Copy out the line bearing "#120=DIRECTION('',(-1.,0.,0.));" and all the lines after it, to the very end of the material below, exactly as written.

Supplied records:
########################################

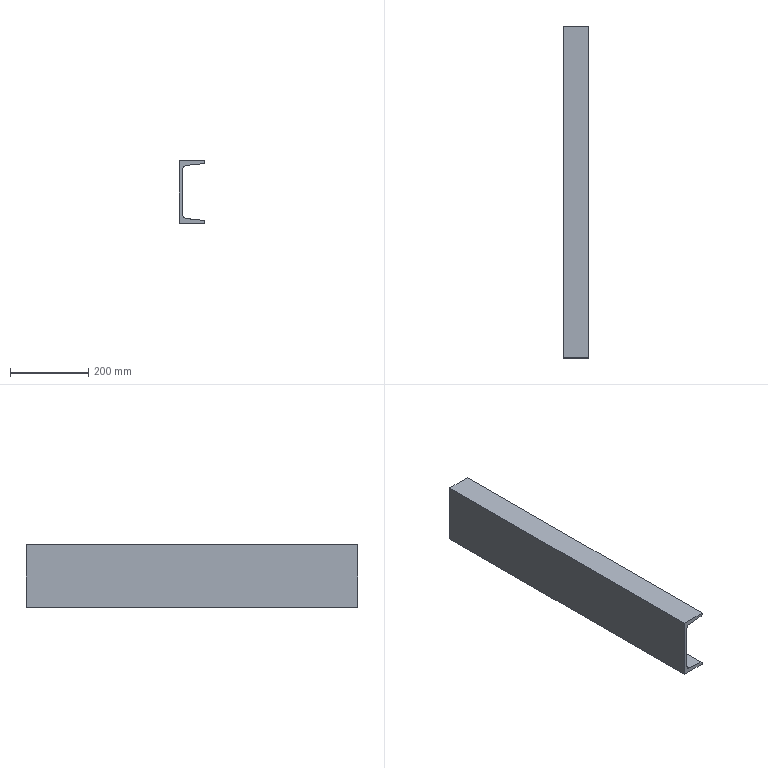Component | SolidWorks | NitrogenSupportChannelSteel65016a-2-331MachineTool-1 | 1 solid | 16 faces | box 65 x 850 x 160 mm | volume 2137912 mm3 | plane 10 | cylinder 6 | commonest cylinder face diameters 5 x2 20 x2 10 x2
build123d program:
from build123d import *

# Parameters (mm, degrees)
BOSS_EXTRUDE1_DEPTH    = 850
M6_TAPPED_HOLE1_REACH  = 866.871
M6_TAPPED_HOLE1_BORE_R = 2.5


with BuildPart() as part:
    # Sketch1 → Boss-Extrude1 (new body)
    with BuildSketch(Plane(origin=(0, 0, 0), x_dir=(-1, 0, 0), z_dir=(0, 0, -1))):
        with BuildLine():
            Line((-8.5, 138.125), (-8.5, 21.875))
            ThreePointArc((-8.5, 21.875), (-11.085, 15.165), (-17.505, 11.925))
            Line((-17.505, 11.925), (-60.498, 7.625))
            ThreePointArc((-60.498, 7.625), (-63.707, 6.005), (-65, 2.65))
            Line((-65, 2.65), (-65, 0))
            Line((-65, 0), (0, 0))
            Line((0, 0), (0, 160))
            Line((0, 160), (-65, 160))
            Line((-65, 160), (-65, 157.35))
            ThreePointArc((-65, 157.35), (-63.707, 153.995), (-60.498, 152.375))
            Line((-60.498, 152.375), (-17.505, 148.075))
            ThreePointArc((-17.505, 148.075), (-11.085, 144.835), (-8.5, 138.125))
        make_face()
    extrude(amount=-BOSS_EXTRUDE1_DEPTH)

    # M6 Tapped Hole1 bore → M6 Tapped Hole1 (cut, up to next)
    with BuildSketch(Plane(origin=(1.354, 13.54, 0), x_dir=(0.995, -0.0995, 0), z_dir=(0.0995, 0.995, 0)), mode=Mode.PRIVATE) as m6_tapped_hole1_sk1:
        with Locations((39.487, -548.988)):
            Circle(M6_TAPPED_HOLE1_BORE_R)
    m6_tapped_hole1_tool1 = extrude(m6_tapped_hole1_sk1.sketch, amount=-M6_TAPPED_HOLE1_REACH, mode=Mode.PRIVATE) & part.part
    add(m6_tapped_hole1_tool1.solids().sort_by_distance((40.645, 9.61, 548.988))[0], mode=Mode.SUBTRACT)


solid = part.part

# Placed as in the assembly
solid = solid.moved(Location((-286.681, 723.438, 590), (90, 0, 0)))
STEP:
#1=CARTESIAN_POINT('',(-9.823,6.868,23.228));
#2=VERTEX_POINT('',#1);
#3=CARTESIAN_POINT('',(-9.625,6.868,23.228));
#4=VERTEX_POINT('',#3);
#5=CARTESIAN_POINT('',(-9.823,6.868,23.228));
#6=CARTESIAN_POINT('',(-9.823,7.065,23.228));
#7=CARTESIAN_POINT('',(-9.625,7.065,23.228));
#8=CARTESIAN_POINT('',(-9.625,6.868,23.228));
#9=(BOUNDED_CURVE()B_SPLINE_CURVE(3,(#5,#6,#7,#8),.UNSPECIFIED.,.F.,.T.)B_SPLINE_CURVE_WITH_KNOTS((4,4),(3.142,6.283),.UNSPECIFIED.)CURVE()GEOMETRIC_REPRESENTATION_ITEM()RATIONAL_B_SPLINE_CURVE((1.,0.3333,0.3333,1.))REPRESENTATION_ITEM(''));
#10=EDGE_CURVE('',#2,#4,#9,.T.);
#11=ORIENTED_EDGE('',*,*,#10,.T.);
#12=CARTESIAN_POINT('',(-9.589,6.868,23.597));
#13=VERTEX_POINT('',#12);
#14=CARTESIAN_POINT('',(-9.589,6.868,23.597));
#15=DIRECTION('',(0.0995,-0.,0.995));
#16=VECTOR('',#15,39.37);
#17=LINE('',#14,#16);
#18=EDGE_CURVE('',#4,#13,#17,.T.);
#19=ORIENTED_EDGE('',*,*,#18,.T.);
#20=CARTESIAN_POINT('',(-9.784,6.868,23.617));
#21=VERTEX_POINT('',#20);
#22=CARTESIAN_POINT('',(-9.686,6.868,23.607));
#23=DIRECTION('',(0.0995,-0.,0.995));
#24=DIRECTION('',(-0.995,0.,0.0995));
#25=AXIS2_PLACEMENT_3D('',#22,#23,#24);
#26=CIRCLE('',#25,0.09843);
#27=EDGE_CURVE('',#13,#21,#26,.T.);
#28=ORIENTED_EDGE('',*,*,#27,.T.);
#29=CARTESIAN_POINT('',(-9.784,6.868,23.617));
#30=DIRECTION('',(0.0995,-0.,0.995));
#31=VECTOR('',#30,39.37);
#32=LINE('',#29,#31);
#33=EDGE_CURVE('',#2,#21,#32,.T.);
#34=ORIENTED_EDGE('',*,*,#33,.F.);
#35=EDGE_LOOP('',(#11,#19,#28,#34));
#36=FACE_OUTER_BOUND('',#35,.T.);
#37=CARTESIAN_POINT('',(-9.686,6.868,23.607));
#38=DIRECTION('',(0.0995,-0.,0.995));
#39=DIRECTION('',(-0.995,0.,0.0995));
#40=AXIS2_PLACEMENT_3D('',#37,#38,#39);
#41=CYLINDRICAL_SURFACE('',#40,0.09843);
#42=ADVANCED_FACE('',(#36),#41,.F.);
#43=CARTESIAN_POINT('',(-10.597,28.482,29.058));
#44=VERTEX_POINT('',#43);
#45=CARTESIAN_POINT('',(-10.952,28.482,28.666));
#46=VERTEX_POINT('',#45);
#47=CARTESIAN_POINT('',(-10.558,28.482,28.666));
#48=DIRECTION('',(-0.,-1.,-0.));
#49=DIRECTION('',(1.,0.,0.));
#50=AXIS2_PLACEMENT_3D('',#47,#48,#49);
#51=CIRCLE('',#50,0.3937);
#52=EDGE_CURVE('',#44,#46,#51,.T.);
#53=ORIENTED_EDGE('',*,*,#52,.F.);
#54=CARTESIAN_POINT('',(-10.597,-4.983,29.058));
#55=VERTEX_POINT('',#54);
#56=CARTESIAN_POINT('',(-10.597,-4.983,29.058));
#57=DIRECTION('',(0.,1.,0.));
#58=VECTOR('',#57,39.37);
#59=LINE('',#56,#58);
#60=EDGE_CURVE('',#55,#44,#59,.T.);
#61=ORIENTED_EDGE('',*,*,#60,.F.);
#62=CARTESIAN_POINT('',(-10.952,-4.983,28.666));
#63=VERTEX_POINT('',#62);
#64=CARTESIAN_POINT('',(-10.558,-4.983,28.666));
#65=DIRECTION('',(-0.,-1.,-0.));
#66=DIRECTION('',(1.,0.,0.));
#67=AXIS2_PLACEMENT_3D('',#64,#65,#66);
#68=CIRCLE('',#67,0.3937);
#69=EDGE_CURVE('',#55,#63,#68,.T.);
#70=ORIENTED_EDGE('',*,*,#69,.T.);
#71=CARTESIAN_POINT('',(-10.952,-4.983,28.666));
#72=DIRECTION('',(0.,1.,0.));
#73=VECTOR('',#72,39.37);
#74=LINE('',#71,#73);
#75=EDGE_CURVE('',#63,#46,#74,.T.);
#76=ORIENTED_EDGE('',*,*,#75,.T.);
#77=EDGE_LOOP('',(#53,#61,#70,#76));
#78=FACE_OUTER_BOUND('',#77,.T.);
#79=CARTESIAN_POINT('',(-10.558,-4.983,28.666));
#80=DIRECTION('',(0.,1.,0.));
#81=DIRECTION('',(-1.,0.,0.));
#82=AXIS2_PLACEMENT_3D('',#79,#80,#81);
#83=CYLINDRICAL_SURFACE('',#82,0.3937);
#84=ADVANCED_FACE('',(#78),#83,.F.);
#85=CARTESIAN_POINT('',(-8.905,28.482,29.227));
#86=VERTEX_POINT('',#85);
#87=CARTESIAN_POINT('',(-8.905,28.482,29.227));
#88=DIRECTION('',(-0.995,0.,-0.0995));
#89=VECTOR('',#88,39.37);
#90=LINE('',#87,#89);
#91=EDGE_CURVE('',#86,#44,#90,.T.);
#92=ORIENTED_EDGE('',*,*,#91,.F.);
#93=CARTESIAN_POINT('',(-8.905,-4.983,29.227));
#94=VERTEX_POINT('',#93);
#95=CARTESIAN_POINT('',(-8.905,-4.983,29.227));
#96=DIRECTION('',(0.,1.,0.));
#97=VECTOR('',#96,39.37);
#98=LINE('',#95,#97);
#99=EDGE_CURVE('',#94,#86,#98,.T.);
#100=ORIENTED_EDGE('',*,*,#99,.F.);
#101=CARTESIAN_POINT('',(-8.905,-4.983,29.227));
#102=DIRECTION('',(-0.995,0.,-0.0995));
#103=VECTOR('',#102,39.37);
#104=LINE('',#101,#103);
#105=EDGE_CURVE('',#94,#55,#104,.T.);
#106=ORIENTED_EDGE('',*,*,#105,.T.);
#107=ORIENTED_EDGE('',*,*,#60,.T.);
#108=EDGE_LOOP('',(#92,#100,#106,#107));
#109=FACE_OUTER_BOUND('',#108,.T.);
#110=CARTESIAN_POINT('',(-8.905,-4.983,29.227));
#111=DIRECTION('',(0.0995,0.,-0.995));
#112=DIRECTION('',(0.995,-0.,0.0995));
#113=AXIS2_PLACEMENT_3D('',#110,#111,#112);
#114=PLANE('',#113);
#115=ADVANCED_FACE('',(#109),#114,.T.);
#116=CARTESIAN_POINT('',(-8.728,28.482,29.423));
#117=VERTEX_POINT('',#116);
#118=CARTESIAN_POINT('',(-8.924,28.482,29.423));
#119=DIRECTION('',(0.,1.,0.));
#120=DIRECTION('',(-1.,0.,0.));
#121=AXIS2_PLACEMENT_3D('',#118,#119,#120);
#122=CIRCLE('',#121,0.1969);
#123=EDGE_CURVE('',#117,#86,#122,.T.);
#124=ORIENTED_EDGE('',*,*,#123,.F.);
#125=CARTESIAN_POINT('',(-8.728,-4.983,29.423));
#126=VERTEX_POINT('',#125);
#127=CARTESIAN_POINT('',(-8.728,-4.983,29.423));
#128=DIRECTION('',(0.,1.,0.));
#129=VECTOR('',#128,39.37);
#130=LINE('',#127,#129);
#131=EDGE_CURVE('',#126,#117,#130,.T.);
#132=ORIENTED_EDGE('',*,*,#131,.F.);
#133=CARTESIAN_POINT('',(-8.924,-4.983,29.423));
#134=DIRECTION('',(0.,1.,0.));
#135=DIRECTION('',(-1.,0.,0.));
#136=AXIS2_PLACEMENT_3D('',#133,#134,#135);
#137=CIRCLE('',#136,0.1969);
#138=EDGE_CURVE('',#126,#94,#137,.T.);
#139=ORIENTED_EDGE('',*,*,#138,.T.);
#140=ORIENTED_EDGE('',*,*,#99,.T.);
#141=EDGE_LOOP('',(#124,#132,#139,#140));
#142=FACE_OUTER_BOUND('',#141,.T.);
#143=CARTESIAN_POINT('',(-8.924,-4.983,29.423));
#144=DIRECTION('',(0.,1.,0.));
#145=DIRECTION('',(-1.,0.,0.));
#146=AXIS2_PLACEMENT_3D('',#143,#144,#145);
#147=CYLINDRICAL_SURFACE('',#146,0.1969);
#148=ADVANCED_FACE('',(#142),#147,.T.);
#149=CARTESIAN_POINT('',(-8.728,28.482,29.528));
#150=VERTEX_POINT('',#149);
#151=CARTESIAN_POINT('',(-8.728,28.482,29.528));
#152=DIRECTION('',(0.,0.,-1.));
#153=VECTOR('',#152,39.37);
#154=LINE('',#151,#153);
#155=EDGE_CURVE('',#150,#117,#154,.T.);
#156=ORIENTED_EDGE('',*,*,#155,.F.);
#157=CARTESIAN_POINT('',(-8.728,-4.983,29.528));
#158=VERTEX_POINT('',#157);
#159=CARTESIAN_POINT('',(-8.728,-4.983,29.528));
#160=DIRECTION('',(0.,1.,0.));
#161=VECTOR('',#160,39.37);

########################################

Problem solution:
#120=DIRECTION('',(-1.,0.,0.));
#121=AXIS2_PLACEMENT_3D('',#118,#119,#120);
#122=CIRCLE('',#121,0.1969);
#123=EDGE_CURVE('',#117,#86,#122,.T.);
#124=ORIENTED_EDGE('',*,*,#123,.F.);
#125=CARTESIAN_POINT('',(-8.728,-4.983,29.423));
#126=VERTEX_POINT('',#125);
#127=CARTESIAN_POINT('',(-8.728,-4.983,29.423));
#128=DIRECTION('',(0.,1.,0.));
#129=VECTOR('',#128,39.37);
#130=LINE('',#127,#129);
#131=EDGE_CURVE('',#126,#117,#130,.T.);
#132=ORIENTED_EDGE('',*,*,#131,.F.);
#133=CARTESIAN_POINT('',(-8.924,-4.983,29.423));
#134=DIRECTION('',(0.,1.,0.));
#135=DIRECTION('',(-1.,0.,0.));
#136=AXIS2_PLACEMENT_3D('',#133,#134,#135);
#137=CIRCLE('',#136,0.1969);
#138=EDGE_CURVE('',#126,#94,#137,.T.);
#139=ORIENTED_EDGE('',*,*,#138,.T.);
#140=ORIENTED_EDGE('',*,*,#99,.T.);
#141=EDGE_LOOP('',(#124,#132,#139,#140));
#142=FACE_OUTER_BOUND('',#141,.T.);
#143=CARTESIAN_POINT('',(-8.924,-4.983,29.423));
#144=DIRECTION('',(0.,1.,0.));
#145=DIRECTION('',(-1.,0.,0.));
#146=AXIS2_PLACEMENT_3D('',#143,#144,#145);
#147=CYLINDRICAL_SURFACE('',#146,0.1969);
#148=ADVANCED_FACE('',(#142),#147,.T.);
#149=CARTESIAN_POINT('',(-8.728,28.482,29.528));
#150=VERTEX_POINT('',#149);
#151=CARTESIAN_POINT('',(-8.728,28.482,29.528));
#152=DIRECTION('',(0.,0.,-1.));
#153=VECTOR('',#152,39.37);
#154=LINE('',#151,#153);
#155=EDGE_CURVE('',#150,#117,#154,.T.);
#156=ORIENTED_EDGE('',*,*,#155,.F.);
#157=CARTESIAN_POINT('',(-8.728,-4.983,29.528));
#158=VERTEX_POINT('',#157);
#159=CARTESIAN_POINT('',(-8.728,-4.983,29.528));
#160=DIRECTION('',(0.,1.,0.));
#161=VECTOR('',#160,39.37);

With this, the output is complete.